• **Source data**
■ ■ ■ ■
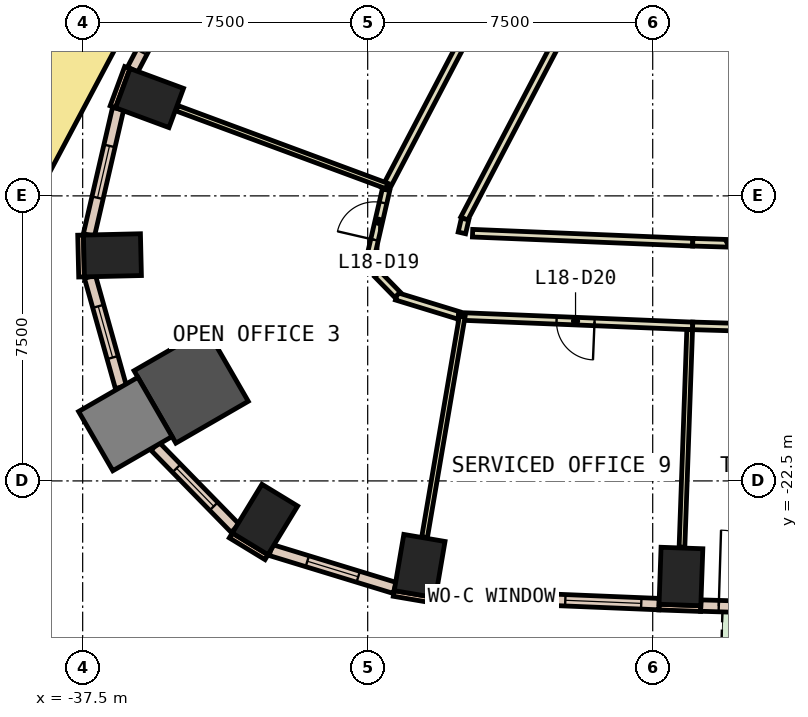
"""IFC4 building model, lengths in metres.
Left out: names, types, materials, properties, quantities, classifications, styles, units other than length and angle.
Written with IfcOpenShell. Run it as: python <this file> out.ifc"""

import sys

from ifc_helpers import new_model, si_unit, direction, frame, frame_2d, origin, origin_2d, place, context, subcontext, project, spatial, rectangle, extrude, element, fill, save


model = new_model("IFC4")
c1 = context("Model", 3, precision=1e-05, world=origin(), true_north=direction((0.0, 1.0)))
c2 = subcontext(c1, "Body", "Model", "MODEL_VIEW")
j1 = project(units=[si_unit("LENGTHUNIT", "METRE"), si_unit("PLANEANGLEUNIT", "RADIAN")], contexts=[c1])
p1 = place(None, origin())
s1 = spatial("IfcSite", under=j1, at=p1, CompositionType="ELEMENT")
p2 = place(p1, origin())
s2 = spatial("IfcBuilding", under=s1, at=p2, CompositionType="ELEMENT")
p3 = place(p2, frame((0.0, 0.0, 86.6)))
s3 = spatial("IfcBuildingStorey", under=s2, at=p3, CompositionType="ELEMENT", Elevation=86.6)
for number, where, z_axis, x_axis in (
    (1, (-28.633, -24.74, 0.0), (0.0, 0.0, 1.0), (-0.986, 0.168, 0.0)),
    (2, (-21.757, -25.015, 0.0), (0.0, 0.0, 1.0), (-0.999, 0.035, 0.0)),
    (3, (-35.741, -12.427, 0.0), (0.0, 0.0, 1.0), (0.347, 0.938, 0.0)),
    (4, (-36.717, -16.564, 0.0), (0.0, 0.0, 1.0), (-0.023, 1.0, 0.0)),
):
    element("IfcColumn", number, at=place(p3, frame(where, z_axis=z_axis, x_axis=x_axis)), inside=s3, PredefinedType="COLUMN", context=c2, shape_type="SweptSolid", body=[
        extrude(rectangle(XDim=1.1, YDim=1.5, at=origin_2d()), origin(), (0.0, 0.0, 1.0), 3.8),
    ])
p4 = place(p3, frame((-34.645, -20.003, 0.0), z_axis=(0.0, 0.0, 1.0), x_axis=(0.866025403784, 0.5, 0.0)))
e5 = element("IfcColumn", 5, at=p4, inside=s3, PredefinedType="COLUMN", context=c2, shape_type="SweptSolid", body=[
    extrude(rectangle(XDim=2.2, YDim=2.2, at=origin_2d()), origin(), (0.0, 0.0, 1.0), 3.8),
])
p5 = place(p3, frame((-32.703, -23.516, 0.0), z_axis=(0.0, 0.0, 1.0), x_axis=(-0.854095929175, 0.520115510024, 0.0)))
e6 = element("IfcColumn", 6, at=p5, inside=s3, PredefinedType="COLUMN", context=c2, shape_type="SweptSolid", body=[
    extrude(rectangle(XDim=1.1, YDim=1.5, at=origin_2d()), origin(), (0.0, 0.0, 1.0), 3.8),
])
p6 = place(p3, frame((-36.377, -21.003, 0.0), z_axis=(0.0, 0.0, 1.0), x_axis=(0.866025403784, 0.5, 0.0)))
e7 = element("IfcColumn", 7, at=p6, inside=s3, PredefinedType="COLUMN", context=c2, shape_type="SweptSolid", body=[
    extrude(rectangle(XDim=1.8, YDim=1.8, at=origin_2d()), origin(), (0.0, 0.0, 1.0), 3.8),
])
p7 = place(p3, frame((-36.324, -11.624, 0.0), z_axis=(0.0, 0.0, 1.0), x_axis=(-0.347205967468, -0.937788897436, 0.0)))
e8 = element("IfcWall", 8, at=p7, inside=s3, PredefinedType="STANDARD", context=c2, shape_type="SweptSolid", body=[
    extrude(rectangle(XDim=1.1, YDim=0.15, at=frame_2d((0.55, 0.0))), origin(), (0.0, 0.0, 1.0), 3.8),
])
p8 = place(p3, frame((-29.314, -25.461, 0.0), z_axis=(0.0, 0.0, 1.0), x_axis=(0.985763338892, -0.168138751323, 0.0)))
e9 = element("IfcWall", 9, at=p8, inside=s3, PredefinedType="STANDARD", context=c2, shape_type="SweptSolid", body=[
    extrude(rectangle(XDim=1.101, YDim=0.15, at=frame_2d((0.55, 0.0))), origin(), (0.0, 0.0, 1.0), 3.8),
])
p9 = place(p3, frame((-22.336, -25.82, 0.0), z_axis=(0.0, 0.0, 1.0), x_axis=(0.999376638472, -0.035303462679, 0.0)))
e10 = element("IfcWall", 10, at=p9, inside=s3, PredefinedType="STANDARD", context=c2, shape_type="SweptSolid", body=[
    extrude(rectangle(XDim=1.1, YDim=0.15, at=frame_2d((0.55, 0.0))), origin(), (0.0, 0.0, 1.0), 3.8),
])
for number, where, z_axis, x_axis in (
    (11, (-37.555, -16.033, 0.0), (0.0, 0.0, 1.0), (0.024, -1.0, 0.0)),
    (12, (-33.602, -23.935, 0.0), (0.0, 0.0, 1.0), (0.854, -0.52, 0.0)),
):
    element("IfcWall", number, at=place(p3, frame(where, z_axis=z_axis, x_axis=x_axis)), inside=s3, PredefinedType="STANDARD", context=c2, shape_type="SweptSolid", body=[
        extrude(rectangle(XDim=1.1, YDim=0.15, at=frame_2d((0.55, 0.0))), origin(), (0.0, 0.0, 1.0), 3.8),
    ])
p10 = place(p3, frame((-28.205, -25.501, 0.0), z_axis=(0.0, 0.0, 1.0), x_axis=(0.999159360905, -0.040994774244, 0.0)))
e13 = element("IfcWall", 13, at=p10, inside=s3, PredefinedType="STANDARD", context=c2, shape_type="SweptSolid", body=[
    extrude(rectangle(XDim=5.878, YDim=0.3, at=frame_2d((2.939, 0.0))), origin(), (0.0, 0.0, 1.0), 3.8),
])
p11 = place(p10, frame((0.469, 0.0, 0.9)))
e14 = element("IfcOpeningElement", 14, at=p11, cuts=e13, PredefinedType="OPENING", context=c2, shape_type="SweptSolid", body=[
    extrude(rectangle(XDim=2.0, YDim=2.6, at=frame_2d((1.0, 1.3))), frame((0.0, 0.16, 0.0), z_axis=(0.0, -1.0, 0.0), x_axis=(1.0, 0.0, 0.0)), (0.0, 0.0, 1.0), 0.32),
])
p12 = place(p10, frame((3.408, 0.0, 0.9)))
e15 = element("IfcOpeningElement", 15, at=p12, cuts=e13, PredefinedType="OPENING", context=c2, shape_type="SweptSolid", body=[
    extrude(rectangle(XDim=2.0, YDim=2.6, at=frame_2d((1.0, 1.3))), frame((0.0, 0.16, 0.0), z_axis=(0.0, -1.0, 0.0), x_axis=(1.0, 0.0, 0.0)), (0.0, 0.0, 1.0), 0.32),
])
p13 = place(p3, frame((-21.235, -25.78, 0.0), z_axis=(0.0, 0.0, 1.0), x_axis=(0.999554487555, -0.029846715213, 0.0)))
e16 = element("IfcWall", 16, at=p13, inside=s3, PredefinedType="STANDARD", context=c2, shape_type="SweptSolid", body=[
    extrude(rectangle(XDim=5.898, YDim=0.3, at=frame_2d((2.949, 0.0))), origin(), (0.0, 0.0, 1.0), 3.8),
])
p14 = place(p13, frame((0.474, 0.0, 0.0)))
e17 = element("IfcOpeningElement", 17, at=p14, cuts=e16, PredefinedType="OPENING", context=c2, shape_type="SweptSolid", body=[
    extrude(rectangle(XDim=2.0, YDim=2.4, at=frame_2d((1.0, 1.2))), frame((0.0, 0.16, 0.0), z_axis=(0.0, -1.0, 0.0), x_axis=(1.0, 0.0, 0.0)), (0.0, 0.0, 1.0), 0.32),
])
p15 = place(p13, frame((3.423, 0.0, 0.9)))
e18 = element("IfcOpeningElement", 18, at=p15, cuts=e16, PredefinedType="OPENING", context=c2, shape_type="SweptSolid", body=[
    extrude(rectangle(XDim=2.0, YDim=2.6, at=frame_2d((1.0, 1.3))), frame((0.0, 0.16, 0.0), z_axis=(0.0, -1.0, 0.0), x_axis=(1.0, 0.0, 0.0)), (0.0, 0.0, 1.0), 0.32),
])
p16 = place(p3, frame((-33.366, -6.295, 0.0), z_axis=(0.0, 0.0, 1.0), x_axis=(-0.464187178015, -0.885737130173, 0.0)))
e19 = element("IfcWall", 19, at=p16, inside=s3, PredefinedType="STANDARD", context=c2, shape_type="SweptSolid", body=[
    extrude(rectangle(XDim=6.075, YDim=0.3, at=frame_2d((3.038, 0.0))), origin(), (0.0, 0.0, 1.0), 3.8),
])
p17 = place(p16, frame((0.519, 0.0, 0.9)))
e20 = element("IfcOpeningElement", 20, at=p17, cuts=e19, PredefinedType="OPENING", context=c2, shape_type="SweptSolid", body=[
    extrude(rectangle(XDim=2.0, YDim=2.6, at=frame_2d((1.0, 1.3))), frame((0.0, 0.16, 0.0), z_axis=(0.0, -1.0, 0.0), x_axis=(1.0, 0.0, 0.0)), (0.0, 0.0, 1.0), 0.32),
])
p18 = place(p16, frame((3.556, 0.0, 0.9)))
e21 = element("IfcOpeningElement", 21, at=p18, cuts=e19, PredefinedType="OPENING", context=c2, shape_type="SweptSolid", body=[
    extrude(rectangle(XDim=2.0, YDim=2.6, at=frame_2d((1.0, 1.3))), frame((0.0, 0.16, 0.0), z_axis=(0.0, -1.0, 0.0), x_axis=(1.0, 0.0, 0.0)), (0.0, 0.0, 1.0), 0.32),
])
p19 = place(p3, frame((-36.568, -12.706, 0.0), z_axis=(0.0, 0.0, 1.0), x_axis=(-0.224859506699, -0.974391195695, 0.0)))
e22 = element("IfcWall", 22, at=p19, inside=s3, PredefinedType="STANDARD", context=c2, shape_type="SweptSolid", body=[
    extrude(rectangle(XDim=3.41, YDim=0.3, at=frame_2d((1.705, 0.0))), origin(), (0.0, 0.0, 1.0), 3.8),
])
p20 = place(p19, frame((1.005, 0.0, 0.9)))
e23 = element("IfcOpeningElement", 23, at=p20, cuts=e22, PredefinedType="OPENING", context=c2, shape_type="SweptSolid", body=[
    extrude(rectangle(XDim=1.4, YDim=2.6, at=frame_2d((0.7, 1.3))), frame((0.0, 0.16, 0.0), z_axis=(0.0, -1.0, 0.0), x_axis=(1.0, 0.0, 0.0)), (0.0, 0.0, 1.0), 0.32),
])
p21 = place(p3, frame((-37.309, -17.127, 0.0), z_axis=(0.0, 0.0, 1.0), x_axis=(0.270176120308, -0.962810918102, 0.0)))
e24 = element("IfcWall", 24, at=p21, inside=s3, PredefinedType="STANDARD", context=c2, shape_type="SweptSolid", body=[
    extrude(rectangle(XDim=3.017, YDim=0.3, at=frame_2d((1.509, 0.0))), origin(), (0.0, 0.0, 1.0), 3.8),
])
p22 = place(p21, frame((0.809, 0.0, 0.9)))
e25 = element("IfcOpeningElement", 25, at=p22, cuts=e24, PredefinedType="OPENING", context=c2, shape_type="SweptSolid", body=[
    extrude(rectangle(XDim=1.4, YDim=2.6, at=frame_2d((0.7, 1.3))), frame((0.0, 0.16, 0.0), z_axis=(0.0, -1.0, 0.0), x_axis=(1.0, 0.0, 0.0)), (0.0, 0.0, 1.0), 0.32),
])
p23 = place(p3, frame((-35.595, -21.589, 0.0), z_axis=(0.0, 0.0, 1.0), x_axis=(0.698928244773, -0.715191798512, 0.0)))
e26 = element("IfcWall", 26, at=p23, inside=s3, PredefinedType="STANDARD", context=c2, shape_type="SweptSolid", body=[
    extrude(rectangle(XDim=3.017, YDim=0.3, at=frame_2d((1.509, 0.0))), origin(), (0.0, 0.0, 1.0), 3.8),
])
p24 = place(p23, frame((0.809, 0.0, 0.9)))
e27 = element("IfcOpeningElement", 27, at=p24, cuts=e26, PredefinedType="OPENING", context=c2, shape_type="SweptSolid", body=[
    extrude(rectangle(XDim=1.4, YDim=2.6, at=frame_2d((0.7, 1.3))), frame((0.0, 0.16, 0.0), z_axis=(0.0, -1.0, 0.0), x_axis=(1.0, 0.0, 0.0)), (0.0, 0.0, 1.0), 0.32),
])
p25 = place(p3, frame((-32.549, -24.319, 0.0), z_axis=(0.0, 0.0, 1.0), x_axis=(0.956317661006, -0.292329490895, 0.0)))
e28 = element("IfcWall", 28, at=p25, inside=s3, PredefinedType="STANDARD", context=c2, shape_type="SweptSolid", body=[
    extrude(rectangle(XDim=3.41, YDim=0.3, at=frame_2d((1.705, 0.0))), origin(), (0.0, 0.0, 1.0), 3.8),
])
p26 = place(p25, frame((1.005, 0.0, 0.9)))
e29 = element("IfcOpeningElement", 29, at=p26, cuts=e28, PredefinedType="OPENING", context=c2, shape_type="SweptSolid", body=[
    extrude(rectangle(XDim=1.4, YDim=2.6, at=frame_2d((0.7, 1.3))), frame((0.0, 0.16, 0.0), z_axis=(0.0, -1.0, 0.0), x_axis=(1.0, 0.0, 0.0)), (0.0, 0.0, 1.0), 0.32),
])
p27 = place(p3, frame((-36.877, -9.544, 0.0), z_axis=(0.0, 0.0, 1.0), x_axis=(-0.468973311577, -0.883212337453, 0.0)))
e30 = element("IfcWall", 30, at=p27, inside=s3, PredefinedType="STANDARD", context=c2, shape_type="SweptSolid", body=[
    extrude(rectangle(XDim=5.299, YDim=1.9, at=frame_2d((2.649, 0.0))), origin(), (0.0, 0.0, 1.0), 0.8),
])
p28 = place(p3, frame((-24.678, -10.29, 0.0), z_axis=(0.0, 0.0, 1.0), x_axis=(-0.464203280494, -0.885728691179, 0.0)))
e31 = element("IfcWall", 31, at=p28, inside=s3, PredefinedType="PARTITIONING", context=c2, shape_type="SweptSolid", body=[
    extrude(rectangle(XDim=5.995, YDim=0.2, at=frame_2d((2.998, 0.0))), origin(), (0.0, 0.0, 1.0), 3.8),
])
p29 = place(p3, frame((-27.437, -15.609, 0.0), z_axis=(0.0, 0.0, 1.0), x_axis=(-0.224098195188, -0.97456656977, 0.0)))
e32 = element("IfcWall", 32, at=p29, inside=s3, PredefinedType="PARTITIONING", context=c2, shape_type="SweptSolid", body=[
    extrude(rectangle(XDim=0.375, YDim=0.2, at=frame_2d((0.188, 0.0))), origin(), (0.0, 0.0, 1.0), 3.8),
])
p30 = place(p3, frame((-27.24, -15.982, 0.0), z_axis=(0.0, 0.0, 1.0), x_axis=(0.999157128819, -0.041049140426, 0.0)))
e33 = element("IfcWall", 33, at=p30, inside=s3, PredefinedType="PARTITIONING", context=c2, shape_type="SweptSolid", body=[
    extrude(rectangle(XDim=5.799, YDim=0.2, at=frame_2d((2.899, 0.0))), origin(), (0.0, 0.0, 1.0), 3.8),
])
p31 = place(p3, frame((-21.446, -16.22, 0.0), z_axis=(0.0, 0.0, 1.0), x_axis=(0.999542625536, -0.030241358047, 0.0)))
e34 = element("IfcWall", 34, at=p31, inside=s3, PredefinedType="PARTITIONING", context=c2, shape_type="SweptSolid", body=[
    extrude(rectangle(XDim=0.928, YDim=0.2, at=frame_2d((0.464, 0.0))), origin(), (0.0, 0.0, 1.0), 3.8),
])
p32 = place(p3, frame((-29.541, -14.829, 0.0), z_axis=(0.0, 0.0, 1.0), x_axis=(0.46422598759, 0.885716790202, 0.0)))
e35 = element("IfcWall", 35, at=p32, inside=s3, PredefinedType="PARTITIONING", context=c2, shape_type="SweptSolid", body=[
    extrude(rectangle(XDim=6.29, YDim=0.2, at=frame_2d((3.145, 0.0))), origin(), (0.0, 0.0, 1.0), 3.8),
])
p33 = place(p3, frame((-27.608, -18.144, 0.0), z_axis=(0.0, 0.0, 1.0), x_axis=(-0.956137025409, 0.292919764852, 0.0)))
e36 = element("IfcWall", 36, at=p33, inside=s3, PredefinedType="PARTITIONING", context=c2, shape_type="SweptSolid", body=[
    extrude(rectangle(XDim=1.707, YDim=0.2, at=frame_2d((0.854, 0.0))), origin(), (0.0, 0.0, 1.0), 3.8),
])
p34 = place(p3, frame((-29.215, -17.602, 0.0), z_axis=(0.0, 0.0, 1.0), x_axis=(-0.698331924638, 0.715774072617, 0.0)))
e37 = element("IfcWall", 37, at=p34, inside=s3, PredefinedType="PARTITIONING", context=c2, shape_type="SweptSolid", body=[
    extrude(rectangle(XDim=0.756, YDim=0.2, at=frame_2d((0.378, 0.0))), origin(), (0.0, 0.0, 1.0), 3.8),
])
p35 = place(p3, frame((-29.701, -17.036, 0.0), z_axis=(0.0, 0.0, 1.0), x_axis=(-0.269792639482, 0.962918444979, 0.0)))
e38 = element("IfcWall", 38, at=p35, inside=s3, PredefinedType="PARTITIONING", context=c2, shape_type="SweptSolid", body=[
    extrude(rectangle(XDim=0.557, YDim=0.2, at=frame_2d((0.278, 0.0))), origin(), (0.0, 0.0, 1.0), 3.8),
])
p36 = place(p3, frame((-29.9, -16.501, 0.0), z_axis=(0.0, 0.0, 1.0), x_axis=(0.224316169854, 0.974516421587, 0.0)))
e39 = element("IfcWall", 39, at=p36, inside=s3, PredefinedType="PARTITIONING", context=c2, shape_type="SweptSolid", body=[
    extrude(rectangle(XDim=1.707, YDim=0.2, at=frame_2d((0.853, 0.0))), origin(), (0.0, 0.0, 1.0), 3.8),
])
p37 = place(p36, frame((0.353, 0.0, 0.0)))
e40 = element("IfcOpeningElement", 40, at=p37, cuts=e39, PredefinedType="OPENING", context=c2, shape_type="SweptSolid", body=[
    extrude(rectangle(XDim=1.0, YDim=2.1, at=frame_2d((0.5, 1.05))), frame((0.0, 0.11, 0.0), z_axis=(0.0, -1.0, 0.0), x_axis=(1.0, 0.0, 0.0)), (0.0, 0.0, 1.0), 0.22),
])
p38 = place(p3, frame((-21.449, -18.422, 0.0), z_axis=(0.0, 0.0, 1.0), x_axis=(-0.999157588083, 0.041037960189, 0.0)))
e41 = element("IfcWall", 41, at=p38, inside=s3, PredefinedType="PARTITIONING", context=c2, shape_type="SweptSolid", body=[
    extrude(rectangle(XDim=6.169, YDim=0.2, at=frame_2d((3.084, 0.0))), origin(), (0.0, 0.0, 1.0), 3.8),
])
p39 = place(p38, frame((2.584, 0.0, 0.0)))
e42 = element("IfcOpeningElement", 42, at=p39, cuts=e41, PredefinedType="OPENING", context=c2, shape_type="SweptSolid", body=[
■ ■ ■ ■
• **Required work**
Go through the material and copy each line that contains "CompositionType".

• **Response to the exercise**
s1 = spatial("IfcSite", under=j1, at=p1, CompositionType="ELEMENT")
s2 = spatial("IfcBuilding", under=s1, at=p2, CompositionType="ELEMENT")
s3 = spatial("IfcBuildingStorey", under=s2, at=p3, CompositionType="ELEMENT", Elevation=86.6)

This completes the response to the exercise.